Collection entries

**********

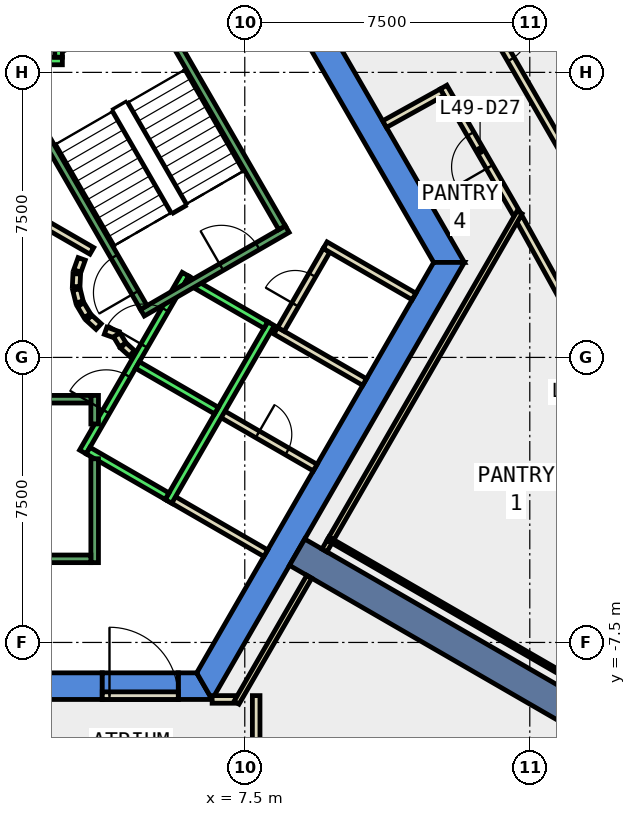
"""IFC4 building model, lengths in metres.
Left out: names, types, materials, properties, quantities, classifications, styles, units other than length and angle.
Written with IfcOpenShell. Run it as: python <this file> out.ifc"""

import sys

from ifc_helpers import new_model, si_unit, direction, frame, frame_2d, origin, place, context, subcontext, project, spatial, polyline, rectangle, outline, extrude, element, fill, save


model = new_model("IFC4")
c1 = context("Model", 3, precision=1e-05, world=origin(), true_north=direction((0.0, 1.0)))
c2 = subcontext(c1, "Body", "Model", "MODEL_VIEW")
j1 = project(units=[si_unit("LENGTHUNIT", "METRE"), si_unit("PLANEANGLEUNIT", "RADIAN")], contexts=[c1])
p1 = place(None, origin())
s1 = spatial("IfcSite", under=j1, at=p1, CompositionType="ELEMENT")
p2 = place(p1, origin())
s2 = spatial("IfcBuilding", under=s1, at=p2, CompositionType="ELEMENT")
p3 = place(p2, frame((0.0, 0.0, 219.2)))
s3 = spatial("IfcBuildingStorey", under=s2, at=p3, CompositionType="ELEMENT", Elevation=219.2)
p4 = place(p3, frame((0.0, 0.0, -0.4)))
e1 = element("IfcWall", 1, at=p4, inside=s3, PredefinedType="SHEAR", context=c2, shape_type="SweptSolid", body=[
    extrude(outline(polyline([(8.084, 11.498), (7.478, 11.148), (12.471, 2.5), (13.279, 2.5), (8.084, 11.498)])), origin(), (0.0, 0.0, 1.0), 4.2),
])
p5 = place(p3, frame((0.0, 0.0, -0.4)))
e2 = element("IfcWall", 2, at=p5, inside=s3, PredefinedType="SHEAR", context=c2, shape_type="SweptSolid", body=[
    extrude(outline(polyline([(3.75, -9.0), (3.75, -8.3), (-6.235, -8.3), (-6.64, -9.0), (3.75, -9.0)])), origin(), (0.0, 0.0, 1.0), 4.2),
])
p6 = place(p3, frame((0.0, 0.0, -0.4)))
e3 = element("IfcWall", 3, at=p6, inside=s3, PredefinedType="SHEAR", context=c2, shape_type="SweptSolid", body=[
    extrude(outline(polyline([(5.75, -8.3), (5.75, -9.0), (6.64, -9.0), (6.235, -8.3), (5.75, -8.3)])), origin(), (0.0, 0.0, 1.0), 4.2),
])
p7 = place(p3, frame((0.0, 0.0, 3.6)))
e4 = element("IfcWall", 4, at=p7, inside=s3, PredefinedType="SHEAR", context=c2, shape_type="SweptSolid", body=[
    extrude(outline(polyline([(5.75, -9.0), (5.75, -8.3), (3.75, -8.3), (3.75, -9.0), (5.75, -9.0)])), origin(), (0.0, 0.0, 1.0), 0.2),
])
p8 = place(p3, frame((0.0, 0.0, -0.4)))
e5 = element("IfcWall", 5, at=p8, inside=s3, PredefinedType="SHEAR", context=c2, shape_type="SweptSolid", body=[
    extrude(outline(polyline([(6.64, -9.0), (13.279, 2.5), (12.471, 2.5), (6.235, -8.3), (6.64, -9.0)])), origin(), (0.0, 0.0, 1.0), 4.2),
])
p9 = place(p3, frame((8.877, -5.125, -0.4), z_axis=(0.0, 0.0, 1.0), x_axis=(0.866017533419, -0.500013631625, 0.0)))
e6 = element("IfcWall", 6, at=p9, inside=s3, PredefinedType="SHEAR", context=c2, shape_type="SweptSolid", body=[
    extrude(rectangle(XDim=9.0, YDim=0.8, at=frame_2d((4.5, 0.0))), origin(), (0.0, 0.0, 1.0), 4.2),
])
p10 = place(p3, frame((14.652, 3.783, 0.0), z_axis=(0.0, 0.0, 1.0), x_axis=(-0.499821427992, 0.866128477837, 0.0)))
e7 = element("IfcWall", 7, at=p10, inside=s3, PredefinedType="PARTITIONING", context=c2, shape_type="SweptSolid", body=[
    extrude(rectangle(XDim=3.844, YDim=0.2, at=frame_2d((1.922, 0.0))), origin(), (0.0, 0.0, 1.0), 3.8),
])
p11 = place(p10, frame((1.421, 0.0, 0.0)))
e8 = element("IfcOpeningElement", 8, at=p11, cuts=e7, PredefinedType="OPENING", context=c2, shape_type="SweptSolid", body=[
    extrude(rectangle(XDim=1.0, YDim=2.1, at=frame_2d((0.5, 1.05))), frame((0.0, 0.11, 0.0), z_axis=(0.0, -1.0, 0.0), x_axis=(1.0, 0.0, 0.0)), (0.0, 0.0, 1.0), 0.22),
])
p12 = place(p3, frame((12.693, 6.976, 0.0), z_axis=(0.0, 0.0, 1.0), x_axis=(-0.874908151187, -0.484288887944, 0.0)))
e9 = element("IfcWall", 9, at=p12, inside=s3, PredefinedType="PARTITIONING", context=c2, shape_type="SweptSolid", body=[
    extrude(rectangle(XDim=1.731, YDim=0.2, at=frame_2d((0.865, 0.0))), origin(), (0.0, 0.0, 1.0), 3.8),
])
p13 = place(p3, frame((18.574, -3.303, 0.0), z_axis=(0.0, 0.0, 1.0), x_axis=(-0.484239190765, 0.874935658279, 0.0)))
e10 = element("IfcWall", 10, at=p13, inside=s3, PredefinedType="PARTITIONING", context=c2, shape_type="SweptSolid", body=[
    extrude(rectangle(XDim=7.963, YDim=0.2, at=frame_2d((3.981, 0.0))), origin(), (0.0, 0.0, 1.0), 3.8),
])
p14 = place(p13, frame((3.482, 0.0, 0.0)))
e11 = element("IfcOpeningElement", 11, at=p14, cuts=e10, PredefinedType="OPENING", context=c2, shape_type="SweptSolid", body=[
    extrude(rectangle(XDim=1.0, YDim=2.1, at=frame_2d((0.5, 1.05))), frame((0.0, 0.11, 0.0), z_axis=(0.0, -1.0, 0.0), x_axis=(1.0, 0.0, 0.0)), (0.0, 0.0, 1.0), 0.22),
])
p15 = place(p3, frame((12.202, 11.828, 0.0), z_axis=(0.0, 0.0, 1.0), x_axis=(0.499919823193, -0.866071688937, 0.0)))
e12 = element("IfcWall", 12, at=p15, inside=s3, PredefinedType="PARTITIONING", context=c2, shape_type="SweptSolid", body=[
    extrude(rectangle(XDim=8.209, YDim=0.2, at=frame_2d((4.104, 0.0))), origin(), (0.0, 0.0, 1.0), 3.8),
])
p16 = place(p15, frame((3.604, 0.0, 0.0)))
e13 = element("IfcOpeningElement", 13, at=p16, cuts=e12, PredefinedType="OPENING", context=c2, shape_type="SweptSolid", body=[
    extrude(rectangle(XDim=1.0, YDim=2.1, at=frame_2d((0.5, 1.05))), frame((0.0, 0.11, 0.0), z_axis=(0.0, -1.0, 0.0), x_axis=(1.0, 0.0, 0.0)), (0.0, 0.0, 1.0), 0.22),
])
p17 = place(p3, frame((8.053, -5.152, 0.0), z_axis=(0.0, 0.0, 1.0), x_axis=(-0.865808344015, 0.500375770231, 0.0)))
e14 = element("IfcWall", 14, at=p17, inside=s3, PredefinedType="PARTITIONING", context=c2, shape_type="SweptSolid", body=[
    extrude(rectangle(XDim=2.9, YDim=0.2, at=frame_2d((1.45, 0.0))), origin(), (0.0, 0.0, 1.0), 3.8),
])
p18 = place(p3, frame((6.841, -1.451, 0.0), z_axis=(0.0, 0.0, 1.0), x_axis=(0.866220623736, -0.499661716578, 0.0)))
e15 = element("IfcWall", 15, at=p18, inside=s3, PredefinedType="PARTITIONING", context=c2, shape_type="SweptSolid", body=[
    extrude(rectangle(XDim=2.9, YDim=0.2, at=frame_2d((1.45, 0.0))), origin(), (0.0, 0.0, 1.0), 3.8),
])
p19 = place(p18, frame((1.15, 0.0, 0.0)))
e16 = element("IfcOpeningElement", 16, at=p19, cuts=e15, PredefinedType="OPENING", context=c2, shape_type="SweptSolid", body=[
    extrude(rectangle(XDim=0.9, YDim=2.1, at=frame_2d((0.45, 1.05))), frame((0.0, 0.11, 0.0), z_axis=(0.0, -1.0, 0.0), x_axis=(1.0, 0.0, 0.0)), (0.0, 0.0, 1.0), 0.22),
])
p20 = place(p3, frame((10.653, -0.648, 0.0), z_axis=(0.0, 0.0, 1.0), x_axis=(-0.866036505625, 0.499980770555, 0.0)))
e17 = element("IfcWall", 17, at=p20, inside=s3, PredefinedType="PARTITIONING", context=c2, shape_type="SweptSolid", body=[
    extrude(rectangle(XDim=2.7, YDim=0.2, at=frame_2d((1.35, 0.0))), origin(), (0.0, 0.0, 1.0), 3.8),
])
p21 = place(p3, frame((8.451, 0.738, 0.0), z_axis=(0.0, 0.0, 1.0), x_axis=(0.499913221443, 0.866075499611, 0.0)))
e18 = element("IfcWall", 18, at=p21, inside=s3, PredefinedType="PARTITIONING", context=c2, shape_type="SweptSolid", body=[
    extrude(rectangle(XDim=2.4, YDim=0.2, at=frame_2d((1.2, 0.0))), origin(), (0.0, 0.0, 1.0), 3.8),
])
p22 = place(p21, frame((0.75, 0.0, 0.0)))
e19 = element("IfcOpeningElement", 19, at=p22, cuts=e18, PredefinedType="OPENING", context=c2, shape_type="SweptSolid", body=[
    extrude(rectangle(XDim=0.9, YDim=2.1, at=frame_2d((0.45, 1.05))), frame((0.0, 0.11, 0.0), z_axis=(0.0, -1.0, 0.0), x_axis=(1.0, 0.0, 0.0)), (0.0, 0.0, 1.0), 0.22),
])
p23 = place(p3, frame((9.615, 2.953, 0.0), z_axis=(0.0, 0.0, 1.0), x_axis=(0.866013897511, -0.50001992892, 0.0)))
e20 = element("IfcWall", 20, at=p23, inside=s3, PredefinedType="PARTITIONING", context=c2, shape_type="SweptSolid", body=[
    extrude(rectangle(XDim=2.7, YDim=0.2, at=frame_2d((1.35, 0.0))), origin(), (0.0, 0.0, 1.0), 3.8),
])
p24 = place(p3, frame((6.641, -8.999, 0.0), z_axis=(0.0, 0.0, 1.0), x_axis=(1.0, 0.0, 0.0)))
e21 = element("IfcWall", 21, at=p24, inside=s3, PredefinedType="PARTITIONING", context=c2, shape_type="SweptSolid", body=[
    extrude(rectangle(XDim=0.617, YDim=0.2, at=frame_2d((0.309, 0.0))), origin(), (0.0, 0.0, 1.0), 3.8),
])
p25 = place(p3, frame((7.283, -9.086, 0.0), z_axis=(0.0, 0.0, 1.0), x_axis=(0.500035303972, 0.866005020067, 0.0)))
e22 = element("IfcWall", 22, at=p25, inside=s3, PredefinedType="PARTITIONING", context=c2, shape_type="SweptSolid", body=[
    extrude(rectangle(XDim=3.828, YDim=0.15, at=frame_2d((1.914, 0.0))), origin(), (0.0, 0.0, 1.0), 3.8),
])
p26 = place(p3, frame((9.779, -4.762, 0.0), z_axis=(0.0, 0.0, 1.0), x_axis=(0.499990552429, 0.866030858274, 0.0)))
e23 = element("IfcWall", 23, at=p26, inside=s3, PredefinedType="PARTITIONING", context=c2, shape_type="SweptSolid", body=[
    extrude(rectangle(XDim=9.906, YDim=0.15, at=frame_2d((4.953, 0.0))), origin(), (0.0, 0.0, 1.0), 3.8),
])
p27 = place(p3, frame((1.866, 3.732, 0.0), z_axis=(0.0, 0.0, 1.0), x_axis=(0.866043361281, -0.499968895414, 0.0)))
e24 = element("IfcWall", 24, at=p27, inside=s3, PredefinedType="PARTITIONING", context=c2, shape_type="SweptSolid", body=[
    extrude(rectangle(XDim=1.858, YDim=0.2, at=frame_2d((0.929, 0.0))), origin(), (0.0, 0.0, 1.0), 3.8),
])
p28 = place(p3, frame((3.208, 2.592, 0.0), z_axis=(0.0, 0.0, 1.0), x_axis=(-0.337388820924, -0.941365382578, 0.0)))
e25 = element("IfcWall", 25, at=p28, inside=s3, PredefinedType="PARTITIONING", context=c2, shape_type="SweptSolid", body=[
    extrude(rectangle(XDim=0.338, YDim=0.2, at=frame_2d((0.169, 0.0))), origin(), (0.0, 0.0, 1.0), 3.8),
])
p29 = place(p3, frame((3.079, 2.199, 0.0), z_axis=(0.0, 0.0, 1.0), x_axis=(-0.047771483479, -0.998858290933, 0.0)))
e26 = element("IfcWall", 26, at=p29, inside=s3, PredefinedType="PARTITIONING", context=c2, shape_type="SweptSolid", body=[
    extrude(rectangle(XDim=0.337, YDim=0.2, at=frame_2d((0.169, 0.0))), origin(), (0.0, 0.0, 1.0), 3.8),
])
p30 = place(p3, frame((3.07, 1.786, 0.0), z_axis=(0.0, 0.0, 1.0), x_axis=(0.242705583207, -0.970099994784, 0.0)))
e27 = element("IfcWall", 27, at=p30, inside=s3, PredefinedType="PARTITIONING", context=c2, shape_type="SweptSolid", body=[
    extrude(rectangle(XDim=0.338, YDim=0.2, at=frame_2d((0.169, 0.0))), origin(), (0.0, 0.0, 1.0), 3.8),
])
for number, where, z_axis, x_axis in (
    (28, (3.182, 1.388, 0.0), (0.0, 0.0, 1.0), (0.512, -0.859, 0.0)),
    (29, (3.404, 1.039, 0.0), (0.0, 0.0, 1.0), (0.74, -0.672, 0.0)),
):
    element("IfcWall", number, at=place(p3, frame(where, z_axis=z_axis, x_axis=x_axis)), inside=s3, PredefinedType="PARTITIONING", context=c2, shape_type="SweptSolid", body=[
        extrude(rectangle(XDim=0.338, YDim=0.2, at=frame_2d((0.169, 0.0))), origin(), (0.0, 0.0, 1.0), 3.8),
    ])
p31 = place(p3, frame((3.838, 0.702, 0.0), z_axis=(0.0, 0.0, 1.0), x_axis=(0.941035081519, -0.338308993895, 0.0)))
e30 = element("IfcWall", 30, at=p31, inside=s3, PredefinedType="PARTITIONING", context=c2, shape_type="SweptSolid", body=[
    extrude(rectangle(XDim=0.337, YDim=0.2, at=frame_2d((0.168, 0.0))), origin(), (0.0, 0.0, 1.0), 3.8),
])
p32 = place(p3, frame((4.132, 0.593, 0.0), z_axis=(0.0, 0.0, 1.0), x_axis=(0.513561617048, -0.858052717201, 0.0)))
e31 = element("IfcWall", 31, at=p32, inside=s3, PredefinedType="PARTITIONING", context=c2, shape_type="SweptSolid", body=[
    extrude(rectangle(XDim=0.308, YDim=0.2, at=frame_2d((0.154, 0.0))), origin(), (0.0, 0.0, 1.0), 3.8),
])
p33 = place(p3, frame((4.301, 0.315, 0.0), z_axis=(0.0, 0.0, 1.0), x_axis=(0.741798017506, -0.670623367639, 0.0)))
e32 = element("IfcWall", 32, at=p33, inside=s3, PredefinedType="PARTITIONING", context=c2, shape_type="SweptSolid", body=[
    extrude(rectangle(XDim=0.309, YDim=0.2, at=frame_2d((0.154, 0.0))), origin(), (0.0, 0.0, 1.0), 3.8),
])
p34 = place(p3, frame((7.8, -8.899, 0.0), z_axis=(0.0, 0.0, 1.0), x_axis=(0.0, -1.0, 0.0)))
e33 = element("IfcWall", 33, at=p34, inside=s3, PredefinedType="PARTITIONING", context=c2, shape_type="SweptSolid", body=[
    extrude(rectangle(XDim=6.06, YDim=0.2, at=frame_2d((3.03, 0.0))), origin(), (0.0, 0.0, 1.0), 3.8),
])
p35 = place(p3, frame((9.689, -4.768, 0.0), z_axis=(0.0, 0.0, 1.0), x_axis=(0.866023322577, -0.500003604739, 0.0)))
e34 = element("IfcWall", 34, at=p35, inside=s3, PredefinedType="PARTITIONING", context=c2, shape_type="SweptSolid", body=[
    extrude(rectangle(XDim=11.15, YDim=0.1, at=frame_2d((5.575, 0.0))), origin(), (0.0, 0.0, 1.0), 3.8),
])
p36 = place(p3, frame((3.75, -8.9, 0.0), z_axis=(0.0, 0.0, 1.0), x_axis=(1.0, 0.0, 0.0)))
e35 = element("IfcWall", 35, at=p36, inside=s3, PredefinedType="PARTITIONING", context=c2, shape_type="SweptSolid", body=[
    extrude(rectangle(XDim=2.0, YDim=0.2, at=frame_2d((1.0, 0.0))), origin(), (0.0, 0.0, 1.0), 2.4),
])
p37 = place(p36, frame((0.19, 0.0, 0.0)))
e36 = element("IfcOpeningElement", 36, at=p37, cuts=e35, PredefinedType="OPENING", context=c2, shape_type="SweptSolid", body=[
    extrude(rectangle(XDim=1.8, YDim=2.1, at=frame_2d((0.9, 1.05))), frame((0.0, 0.11, 0.0), z_axis=(0.0, -1.0, 0.0), x_axis=(1.0, 0.0, 0.0)), (0.0, 0.0, 1.0), 0.22),
])
p38 = place(p3, frame((9.596, -5.079, 0.0), z_axis=(0.0, 0.0, 1.0), x_axis=(0.500782702656, 0.865573038351, 0.0)))
e37 = element("IfcWall", 37, at=p38, inside=s3, PredefinedType="PARTITIONING", context=c2, shape_type="SweptSolid", body=[
    extrude(rectangle(XDim=0.266, YDim=0.15, at=frame_2d((0.133, 0.0))), origin(), (0.0, 0.0, 1.0), 3.8),
])
p39 = place(p3, frame((2.7, 7.8, 0.0), z_axis=(0.0, 0.0, 1.0), x_axis=(-1.0, 0.0, 0.0)))
e38 = element("IfcWall", 38, at=p39, inside=s3, PredefinedType="STANDARD", context=c2, shape_type="SweptSolid", body=[
    extrude(rectangle(XDim=5.4, YDim=0.2, at=frame_2d((2.7, 0.0))), origin(), (0.0, 0.0, 1.0), 3.8),
])
p40 = place(p39, frame((1.225, 0.0, 0.0)))
e39 = element("IfcOpeningElement", 39, at=p40, cuts=e38, PredefinedType="OPENING", context=c2, shape_type="SweptSolid", body=[
    extrude(rectangle(XDim=1.1, YDim=2.1, at=frame_2d((0.55, 1.05))), frame((0.0, 0.11, 0.0), z_axis=(0.0, -1.0, 0.0), x_axis=(1.0, 0.0, 0.0)), (0.0, 0.0, 1.0), 0.22),
])
p41 = place(p39, frame((3.075, 0.0, 0.0)))
e40 = element("IfcOpeningElement", 40, at=p41, cuts=e38, PredefinedType="OPENING", context=c2, shape_type="SweptSolid", body=[
    extrude(rectangle(XDim=1.1, YDim=2.1, at=frame_2d((0.55, 1.05))), frame((0.0, 0.11, 0.0), z_axis=(0.0, -1.0, 0.0), x_axis=(1.0, 0.0, 0.0)), (0.0, 0.0, 1.0), 0.22),
])
p42 = place(p3, frame((2.6, 7.9, 0.0), z_axis=(0.0, 0.0, 1.0), x_axis=(0.0, 1.0, 0.0)))
e41 = element("IfcWall", 41, at=p42, inside=s3, PredefinedType="STANDARD", context=c2, shape_type="SweptSolid", body=[
    extrude(rectangle(XDim=2.4, YDim=0.2, at=frame_2d((1.2, 0.0))), origin(), (0.0, 0.0, 1.0), 3.8),
])
p43 = place(p3, frame((3.24, -2.488, 0.0), z_axis=(0.0, 0.0, 1.0), x_axis=(0.500034260056, 0.866005622828, 0.0)))
e42 = element("IfcWall", 42, at=p43, inside=s3, PredefinedType="STANDARD", context=c2, shape_type="SweptSolid", body=[
    extrude(rectangle(XDim=5.399, YDim=0.2, at=frame_2d((2.7, 0.0))), origin(), (0.0, 0.0, 1.0), 3.8),
])
p44 = place(p43, frame((3.225, 0.0, 0.0)))
e43 = element("IfcOpeningElement", 43, at=p44, cuts=e42, PredefinedType="OPENING", context=c2, shape_type="SweptSolid", body=[
    extrude(rectangle(XDim=1.1, YDim=2.1, at=frame_2d((0.55, 1.05))), frame((0.0, 0.11, 0.0), z_axis=(0.0, -1.0, 0.0), x_axis=(1.0, 0.0, 0.0)), (0.0, 0.0, 1.0), 0.22),
])
p45 = place(p43, frame((1.225, 0.0, 0.0)))
e44 = element("IfcOpeningElement", 44, at=p45, cuts=e42, PredefinedType="OPENING", context=c2, shape_type="SweptSolid", body=[
    extrude(rectangle(XDim=1.1, YDim=2.1, at=frame_2d((0.55, 1.05))), frame((0.0, 0.11, 0.0), z_axis=(0.0, -1.0, 0.0), x_axis=(1.0, 0.0, 0.0)), (0.0, 0.0, 1.0), 0.22),
])
p46 = place(p3, frame((5.492, -3.788, 0.0), z_axis=(0.0, 0.0, 1.0), x_axis=(0.500034260056, 0.866005622828, 0.0)))
e45 = element("IfcWall", 45, at=p46, inside=s3, PredefinedType="STANDARD", context=c2, shape_type="SweptSolid", body=[
    extrude(rectangle(XDim=5.399, YDim=0.2, at=frame_2d((2.7, 0.0))), origin(), (0.0, 0.0, 1.0), 3.8),
])
p47 = place(p3, frame((3.377, -2.452, 0.0), z_axis=(0.0, 0.0, 1.0), x_axis=(0.865955154139, -0.50012165622, 0.0)))
e46 = element("IfcWall", 46, at=p47, inside=s3, PredefinedType="STANDARD", context=c2, shape_type="SweptSolid", body=[
    extrude(rectangle(XDim=2.4, YDim=0.2, at=frame_2d((1.2, 0.0))), origin(), (0.0, 0.0, 1.0), 3.8),
])
for number, where, z_axis, x_axis in (
    (47, (4.677, -0.2, 0.0), (0.0, 0.0, 1.0), (0.866, -0.5, 0.0)),
    (48, (5.977, 2.052, 0.0), (0.0, 0.0, 1.0), (0.866, -0.5, 0.0)),
):
    element("IfcWall", number, at=place(p3, frame(where, z_axis=z_axis, x_axis=x_axis)), inside=s3, PredefinedType="STANDARD", context=c2, shape_type="SweptSolid", body=[
        extrude(rectangle(XDim=2.399, YDim=0.2, at=frame_2d((1.2, 0.0))), origin(), (0.0, 0.0, 1.0), 3.8),
    ])
p48 = place(p3, frame((3.55, -2.667, 0.0), z_axis=(0.0, 0.0, 1.0), x_axis=(0.0, -1.0, 0.0)))
e49 = element("IfcWall", 49, at=p48, inside=s3, PredefinedType="STANDARD", context=c2, shape_type="SweptSolid", body=[
    extrude(rectangle(XDim=2.733, YDim=0.2, at=frame_2d((1.366, 0.0))), origin(), (0.0, 0.0, 1.0), 3.8),
])
p49 = place(p3, frame((3.55, -1.0, 0.0), z_axis=(0.0, 0.0, 1.0), x_axis=(0.0, -1.0, 0.0)))
e50 = element("IfcWall", 50, at=p49, inside=s3, PredefinedType="STANDARD", context=c2, shape_type="SweptSolid", body=[
    extrude(rectangle(XDim=0.751, YDim=0.2, at=frame_2d((0.375, 0.0))), origin(), (0.0, 0.0, 1.0), 3.8),
])
p50 = place(p3, frame((-3.45, -1.1, 0.0), z_axis=(0.0, 0.0, 1.0), x_axis=(1.0, 0.0, 0.0)))
e51 = element("IfcWall", 51, at=p50, inside=s3, PredefinedType="STANDARD", context=c2, shape_type="SweptSolid", body=[
    extrude(rectangle(XDim=6.9, YDim=0.2, at=frame_2d((3.45, 0.0))), origin(), (0.0, 0.0, 1.0), 3.8),
])
p51 = place(p50, frame((0.45, 0.0, 0.0)))
e52 = element("IfcOpeningElement", 52, at=p51, cuts=e51, PredefinedType="OPENING", context=c2, shape_type="SweptSolid", body=[
    extrude(rectangle(XDim=1.1, YDim=2.2, at=frame_2d((0.55, 1.1))), frame((0.0, 0.11, 0.0), z_axis=(0.0, -1.0, 0.0), x_axis=(1.0, 0.0, 0.0)), (0.0, 0.0, 1.0), 0.22),
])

**********

== Exercise description ==
For each line above that includes "OPENING", copy the line.

== Final answer ==
e8 = element("IfcOpeningElement", 8, at=p11, cuts=e7, PredefinedType="OPENING", context=c2, shape_type="SweptSolid", body=[
e11 = element("IfcOpeningElement", 11, at=p14, cuts=e10, PredefinedType="OPENING", context=c2, shape_type="SweptSolid", body=[
e13 = element("IfcOpeningElement", 13, at=p16, cuts=e12, PredefinedType="OPENING", context=c2, shape_type="SweptSolid", body=[
e16 = element("IfcOpeningElement", 16, at=p19, cuts=e15, PredefinedType="OPENING", context=c2, shape_type="SweptSolid", body=[
e19 = element("IfcOpeningElement", 19, at=p22, cuts=e18, PredefinedType="OPENING", context=c2, shape_type="SweptSolid", body=[
e36 = element("IfcOpeningElement", 36, at=p37, cuts=e35, PredefinedType="OPENING", context=c2, shape_type="SweptSolid", body=[
e39 = element("IfcOpeningElement", 39, at=p40, cuts=e38, PredefinedType="OPENING", context=c2, shape_type="SweptSolid", body=[
e40 = element("IfcOpeningElement", 40, at=p41, cuts=e38, PredefinedType="OPENING", context=c2, shape_type="SweptSolid", body=[
e43 = element("IfcOpeningElement", 43, at=p44, cuts=e42, PredefinedType="OPENING", context=c2, shape_type="SweptSolid", body=[
e44 = element("IfcOpeningElement", 44, at=p45, cuts=e42, PredefinedType="OPENING", context=c2, shape_type="SweptSolid", body=[
e52 = element("IfcOpeningElement", 52, at=p51, cuts=e51, PredefinedType="OPENING", context=c2, shape_type="SweptSolid", body=[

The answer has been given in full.